(Stored dataset items)
++++++++

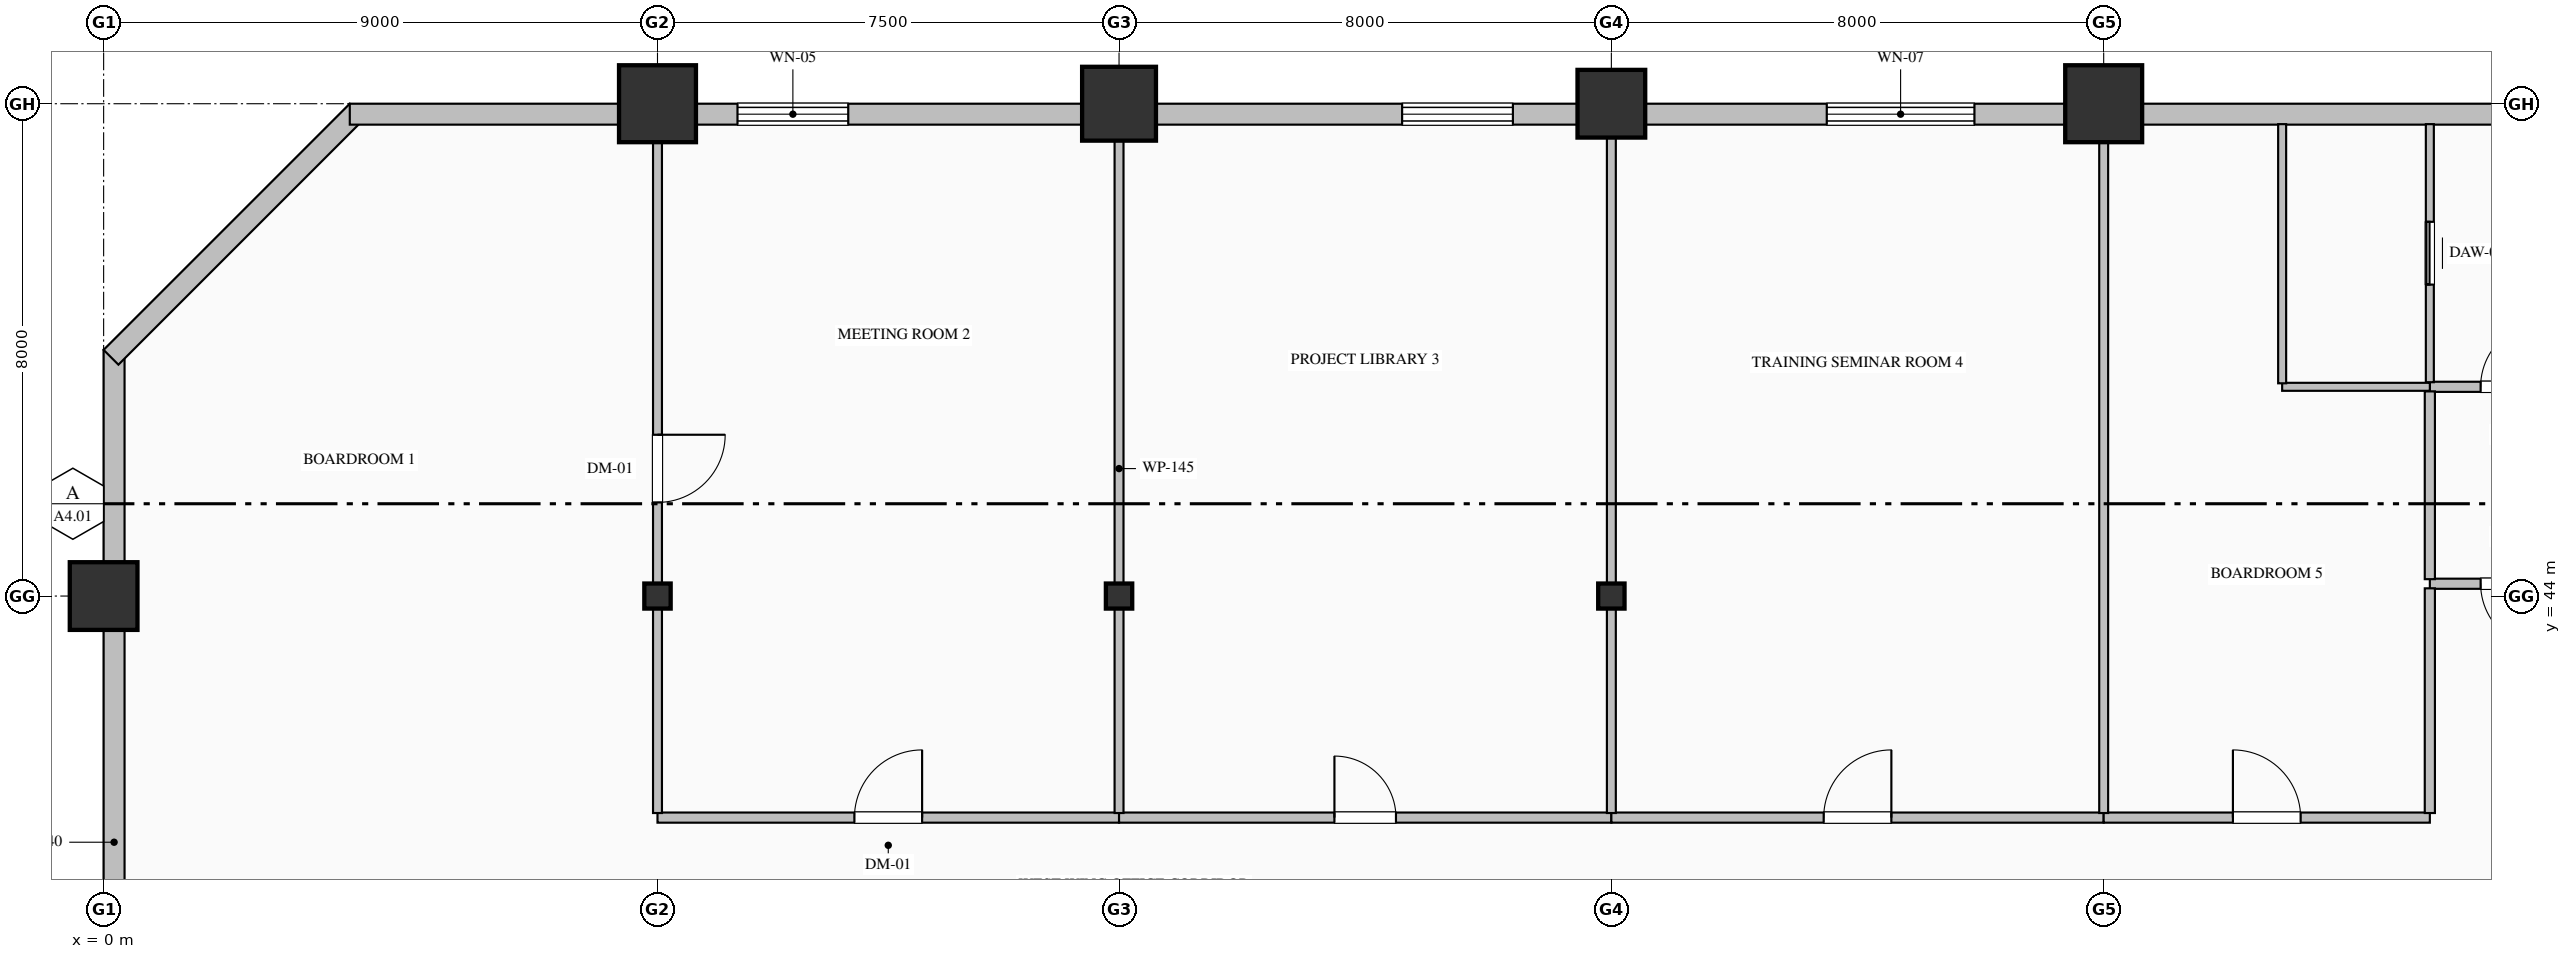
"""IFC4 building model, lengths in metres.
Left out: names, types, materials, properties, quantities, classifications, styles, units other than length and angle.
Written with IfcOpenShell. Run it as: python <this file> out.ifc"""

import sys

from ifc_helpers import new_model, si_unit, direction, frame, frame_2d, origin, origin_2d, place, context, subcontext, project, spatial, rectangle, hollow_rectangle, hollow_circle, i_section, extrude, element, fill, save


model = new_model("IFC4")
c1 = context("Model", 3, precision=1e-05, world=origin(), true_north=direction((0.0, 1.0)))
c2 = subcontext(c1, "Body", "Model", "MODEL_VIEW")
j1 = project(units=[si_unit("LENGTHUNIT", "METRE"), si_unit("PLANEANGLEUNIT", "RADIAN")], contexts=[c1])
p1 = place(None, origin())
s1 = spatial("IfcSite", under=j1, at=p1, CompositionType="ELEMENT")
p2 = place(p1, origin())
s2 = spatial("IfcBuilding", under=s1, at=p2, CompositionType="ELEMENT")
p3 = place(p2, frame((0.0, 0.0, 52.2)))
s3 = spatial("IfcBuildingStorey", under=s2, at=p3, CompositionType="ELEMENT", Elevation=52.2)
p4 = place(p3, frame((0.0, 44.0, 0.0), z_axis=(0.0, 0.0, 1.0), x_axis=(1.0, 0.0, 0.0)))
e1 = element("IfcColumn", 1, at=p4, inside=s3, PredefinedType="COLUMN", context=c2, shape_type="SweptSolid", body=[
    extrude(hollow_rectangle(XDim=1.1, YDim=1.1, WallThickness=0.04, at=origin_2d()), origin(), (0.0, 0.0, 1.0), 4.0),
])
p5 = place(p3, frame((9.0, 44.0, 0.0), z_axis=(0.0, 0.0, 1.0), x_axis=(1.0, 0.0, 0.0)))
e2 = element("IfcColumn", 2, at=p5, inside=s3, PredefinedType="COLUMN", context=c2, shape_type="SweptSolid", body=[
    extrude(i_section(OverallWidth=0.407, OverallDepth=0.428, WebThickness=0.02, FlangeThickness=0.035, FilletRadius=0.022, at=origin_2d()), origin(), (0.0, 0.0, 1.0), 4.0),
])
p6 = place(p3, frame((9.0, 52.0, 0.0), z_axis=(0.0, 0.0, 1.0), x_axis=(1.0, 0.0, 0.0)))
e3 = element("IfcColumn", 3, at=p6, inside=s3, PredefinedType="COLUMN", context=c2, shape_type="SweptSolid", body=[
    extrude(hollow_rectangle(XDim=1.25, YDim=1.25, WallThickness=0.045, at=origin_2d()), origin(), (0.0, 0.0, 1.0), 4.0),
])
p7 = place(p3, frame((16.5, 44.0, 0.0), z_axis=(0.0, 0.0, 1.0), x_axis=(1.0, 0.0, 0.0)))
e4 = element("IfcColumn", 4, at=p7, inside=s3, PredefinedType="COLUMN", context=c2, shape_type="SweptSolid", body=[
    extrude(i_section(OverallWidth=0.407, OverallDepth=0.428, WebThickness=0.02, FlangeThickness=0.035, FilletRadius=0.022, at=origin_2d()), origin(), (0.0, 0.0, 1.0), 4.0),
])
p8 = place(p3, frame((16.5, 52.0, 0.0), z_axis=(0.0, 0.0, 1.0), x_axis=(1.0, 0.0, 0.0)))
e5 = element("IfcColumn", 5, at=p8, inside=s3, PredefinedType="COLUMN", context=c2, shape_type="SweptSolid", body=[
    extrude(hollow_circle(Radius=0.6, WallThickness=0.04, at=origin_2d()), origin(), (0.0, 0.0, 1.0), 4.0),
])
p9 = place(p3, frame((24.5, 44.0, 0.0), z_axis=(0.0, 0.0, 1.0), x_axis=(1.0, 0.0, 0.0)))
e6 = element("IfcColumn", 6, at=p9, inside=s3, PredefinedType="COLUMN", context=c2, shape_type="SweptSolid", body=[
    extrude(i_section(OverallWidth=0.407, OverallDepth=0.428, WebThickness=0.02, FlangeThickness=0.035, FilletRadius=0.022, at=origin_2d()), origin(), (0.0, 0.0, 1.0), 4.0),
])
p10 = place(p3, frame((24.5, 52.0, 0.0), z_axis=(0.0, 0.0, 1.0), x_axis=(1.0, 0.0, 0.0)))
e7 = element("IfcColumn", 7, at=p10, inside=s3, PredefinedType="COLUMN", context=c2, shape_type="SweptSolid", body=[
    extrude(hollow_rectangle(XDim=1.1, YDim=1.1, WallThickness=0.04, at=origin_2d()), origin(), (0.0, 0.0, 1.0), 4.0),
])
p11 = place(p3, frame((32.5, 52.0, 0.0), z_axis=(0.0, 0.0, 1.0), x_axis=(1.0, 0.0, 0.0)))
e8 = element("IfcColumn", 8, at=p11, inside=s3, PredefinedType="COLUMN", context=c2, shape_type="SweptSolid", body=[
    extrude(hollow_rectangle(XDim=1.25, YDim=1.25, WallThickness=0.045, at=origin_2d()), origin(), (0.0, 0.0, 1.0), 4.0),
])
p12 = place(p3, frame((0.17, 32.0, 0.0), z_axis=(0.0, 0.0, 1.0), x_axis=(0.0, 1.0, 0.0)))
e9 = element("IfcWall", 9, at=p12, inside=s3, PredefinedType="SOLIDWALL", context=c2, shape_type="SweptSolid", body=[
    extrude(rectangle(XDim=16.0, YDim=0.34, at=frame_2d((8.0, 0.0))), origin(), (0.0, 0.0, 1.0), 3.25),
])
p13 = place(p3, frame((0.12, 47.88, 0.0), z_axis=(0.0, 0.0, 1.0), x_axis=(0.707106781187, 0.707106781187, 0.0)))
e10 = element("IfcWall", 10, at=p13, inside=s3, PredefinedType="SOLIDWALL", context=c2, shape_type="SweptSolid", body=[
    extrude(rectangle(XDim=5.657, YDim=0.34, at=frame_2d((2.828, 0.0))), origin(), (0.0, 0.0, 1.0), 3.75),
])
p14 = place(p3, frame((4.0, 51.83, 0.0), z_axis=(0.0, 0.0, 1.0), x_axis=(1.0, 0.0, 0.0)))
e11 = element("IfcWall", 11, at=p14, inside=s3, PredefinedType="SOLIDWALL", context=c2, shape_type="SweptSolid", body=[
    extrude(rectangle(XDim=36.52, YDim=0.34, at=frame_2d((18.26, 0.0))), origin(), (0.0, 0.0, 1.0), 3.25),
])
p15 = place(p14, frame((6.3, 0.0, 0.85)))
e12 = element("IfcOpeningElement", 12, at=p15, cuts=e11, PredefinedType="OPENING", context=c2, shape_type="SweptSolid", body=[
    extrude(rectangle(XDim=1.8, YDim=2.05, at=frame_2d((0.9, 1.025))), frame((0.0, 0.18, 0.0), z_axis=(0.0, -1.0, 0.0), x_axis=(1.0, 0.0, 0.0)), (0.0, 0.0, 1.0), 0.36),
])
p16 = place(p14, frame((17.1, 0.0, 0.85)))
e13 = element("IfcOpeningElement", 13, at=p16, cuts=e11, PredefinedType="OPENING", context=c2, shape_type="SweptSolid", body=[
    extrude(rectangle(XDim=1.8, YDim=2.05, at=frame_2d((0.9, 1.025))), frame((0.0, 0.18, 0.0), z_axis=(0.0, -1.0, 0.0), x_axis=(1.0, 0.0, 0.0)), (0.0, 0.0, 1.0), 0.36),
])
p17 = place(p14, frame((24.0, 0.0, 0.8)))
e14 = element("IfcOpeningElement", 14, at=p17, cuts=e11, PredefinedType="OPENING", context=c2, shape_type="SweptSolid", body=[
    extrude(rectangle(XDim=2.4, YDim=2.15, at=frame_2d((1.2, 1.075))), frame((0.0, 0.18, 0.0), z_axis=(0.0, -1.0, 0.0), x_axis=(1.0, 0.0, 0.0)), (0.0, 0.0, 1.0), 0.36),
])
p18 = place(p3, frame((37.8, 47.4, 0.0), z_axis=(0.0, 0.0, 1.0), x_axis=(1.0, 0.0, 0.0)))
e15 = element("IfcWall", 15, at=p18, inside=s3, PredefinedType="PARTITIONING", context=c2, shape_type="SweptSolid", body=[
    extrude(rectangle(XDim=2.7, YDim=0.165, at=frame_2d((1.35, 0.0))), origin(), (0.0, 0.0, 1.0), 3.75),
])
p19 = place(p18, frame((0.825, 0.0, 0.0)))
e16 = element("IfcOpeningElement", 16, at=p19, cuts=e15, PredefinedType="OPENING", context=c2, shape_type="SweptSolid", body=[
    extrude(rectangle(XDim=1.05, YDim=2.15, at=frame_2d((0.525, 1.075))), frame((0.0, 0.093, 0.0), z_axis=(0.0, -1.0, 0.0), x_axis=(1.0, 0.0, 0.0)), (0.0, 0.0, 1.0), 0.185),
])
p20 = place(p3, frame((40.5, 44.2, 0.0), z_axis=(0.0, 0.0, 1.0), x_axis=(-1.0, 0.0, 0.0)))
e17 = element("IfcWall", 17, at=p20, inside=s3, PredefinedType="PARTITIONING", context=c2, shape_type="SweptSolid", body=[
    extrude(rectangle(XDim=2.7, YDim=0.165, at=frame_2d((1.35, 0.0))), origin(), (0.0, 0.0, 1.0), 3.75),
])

++++++++

* EXERCISE INSTRUCTIONS: List all lines above in which the string "units" appears.

* YOUR RESPONSE:
Left out: names, types, materials, properties, quantities, classifications, styles, units other than length and angle.
j1 = project(units=[si_unit("LENGTHUNIT", "METRE"), si_unit("PLANEANGLEUNIT", "RADIAN")], contexts=[c1])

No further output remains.